• Exercise instructions:
In the records, find every line with the word "YDim" and copy it out.

• Data supplied:
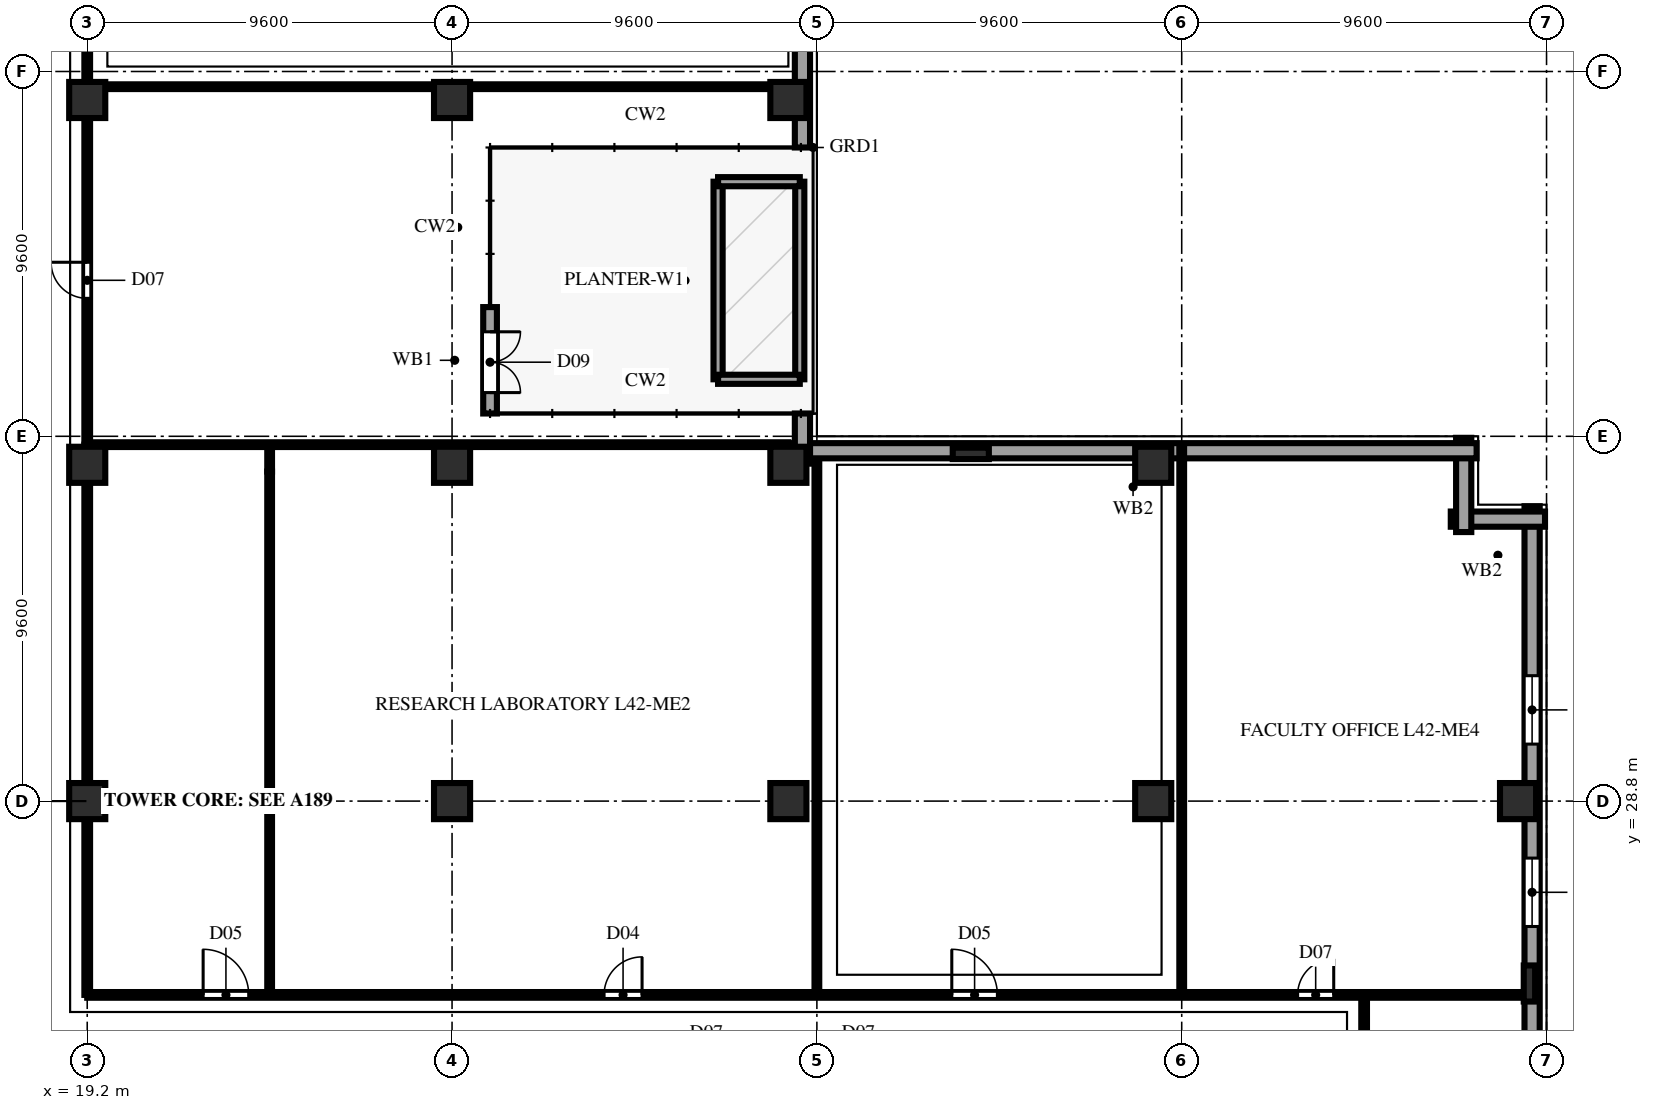
"""IFC4 building model, lengths in metres.
Left out: names, types, materials, properties, quantities, classifications, styles, units other than length and angle.
Written with IfcOpenShell. Run it as: python <this file> out.ifc"""

import sys

from ifc_helpers import new_model, si_unit, direction, frame, frame_2d, origin, origin_2d, place, context, subcontext, project, spatial, rectangle, extrude, element, fill, save


model = new_model("IFC4")
c1 = context("Model", 3, precision=1e-05, world=origin(), true_north=direction((0.0, 1.0)))
c2 = subcontext(c1, "Body", "Model", "MODEL_VIEW")
j1 = project(units=[si_unit("LENGTHUNIT", "METRE"), si_unit("PLANEANGLEUNIT", "RADIAN")], contexts=[c1])
p1 = place(None, origin())
s1 = spatial("IfcSite", under=j1, at=p1, CompositionType="ELEMENT")
p2 = place(p1, origin())
s2 = spatial("IfcBuilding", under=s1, at=p2, CompositionType="ELEMENT")
p3 = place(p2, frame((0.0, 0.0, 167.4)))
s3 = spatial("IfcBuildingStorey", under=s2, at=p3, CompositionType="ELEMENT", Elevation=167.4)
for number, where, z_axis, x_axis in (
    (1, (19.2, 28.8, 0.0), (0.0, 0.0, 1.0), (1.0, 0.0, 0.0)),
    (2, (19.2, 37.65, 0.0), (0.0, 0.0, 1.0), (1.0, 0.0, 0.0)),
    (3, (19.2, 47.25, 0.0), (0.0, 0.0, 1.0), (1.0, 0.0, 0.0)),
    (4, (28.8, 28.8, 0.0), (0.0, 0.0, 1.0), (1.0, 0.0, 0.0)),
    (5, (28.8, 37.65, 0.0), (0.0, 0.0, 1.0), (1.0, 0.0, 0.0)),
    (6, (28.8, 47.25, 0.0), (0.0, 0.0, 1.0), (1.0, 0.0, 0.0)),
    (7, (37.65, 28.8, 0.0), (0.0, 0.0, 1.0), (1.0, 0.0, 0.0)),
    (8, (37.65, 37.65, 0.0), (0.0, 0.0, 1.0), (1.0, 0.0, 0.0)),
    (9, (37.65, 47.25, 0.0), (0.0, 0.0, 1.0), (1.0, 0.0, 0.0)),
    (10, (47.25, 28.8, 0.0), (0.0, 0.0, 1.0), (1.0, 0.0, 0.0)),
    (11, (47.25, 37.65, 0.0), (0.0, 0.0, 1.0), (1.0, 0.0, 0.0)),
    (12, (56.85, 28.8, 0.0), (0.0, 0.0, 1.0), (1.0, 0.0, 0.0)),
):
    element("IfcColumn", number, at=place(p3, frame(where, z_axis=z_axis, x_axis=x_axis)), inside=s3, PredefinedType="COLUMN", context=c2, shape_type="SweptSolid", body=[
        extrude(rectangle(XDim=0.95, YDim=0.95, at=origin_2d()), origin(), (0.0, 0.0, 1.0), 3.8),
    ])
for number, where, z_axis, x_axis in (
    (13, (57.15, 24.0, 0.0), (0.0, 0.0, 1.0), (0.0, 1.0, 0.0)),
    (14, (42.45, 37.95, 0.0), (0.0, 0.0, 1.0), (1.0, 0.0, 0.0)),
):
    element("IfcColumn", number, at=place(p3, frame(where, z_axis=z_axis, x_axis=x_axis)), inside=s3, PredefinedType="PILASTER", context=c2, shape_type="SweptSolid", body=[
        extrude(rectangle(XDim=0.95, YDim=0.3, at=origin_2d()), origin(), (0.0, 0.0, 1.0), 3.8),
    ])
p4 = place(p3, frame((57.22, 1.84, 0.0), z_axis=(0.0, 0.0, 1.0), x_axis=(0.0, 1.0, 0.0)))
e15 = element("IfcWall", 15, at=p4, inside=s3, PredefinedType="SOLIDWALL", context=c2, shape_type="SweptSolid", body=[
    extrude(rectangle(XDim=34.72, YDim=0.4, at=frame_2d((17.36, 0.0))), origin(), (0.0, 0.0, 1.0), 3.54),
])
p5 = place(p4, frame((4.46, 0.0, 0.85)))
e16 = element("IfcOpeningElement", 16, at=p5, cuts=e15, PredefinedType="OPENING", context=c2, shape_type="SweptSolid", body=[
    extrude(rectangle(XDim=1.8, YDim=1.85, at=frame_2d((0.9, 0.925))), frame((0.0, 0.212, 0.0), z_axis=(0.0, -1.0, 0.0), x_axis=(1.0, 0.0, 0.0)), (0.0, 0.0, 1.0), 0.424),
])
p6 = place(p4, frame((9.26, 0.0, 0.85)))
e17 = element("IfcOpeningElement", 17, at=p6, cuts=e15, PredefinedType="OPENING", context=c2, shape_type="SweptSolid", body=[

• Result of this exercise:
        extrude(rectangle(XDim=0.95, YDim=0.95, at=origin_2d()), origin(), (0.0, 0.0, 1.0), 3.8),
        extrude(rectangle(XDim=0.95, YDim=0.3, at=origin_2d()), origin(), (0.0, 0.0, 1.0), 3.8),
    extrude(rectangle(XDim=34.72, YDim=0.4, at=frame_2d((17.36, 0.0))), origin(), (0.0, 0.0, 1.0), 3.54),
    extrude(rectangle(XDim=1.8, YDim=1.85, at=frame_2d((0.9, 0.925))), frame((0.0, 0.212, 0.0), z_axis=(0.0, -1.0, 0.0), x_axis=(1.0, 0.0, 0.0)), (0.0, 0.0, 1.0), 0.424),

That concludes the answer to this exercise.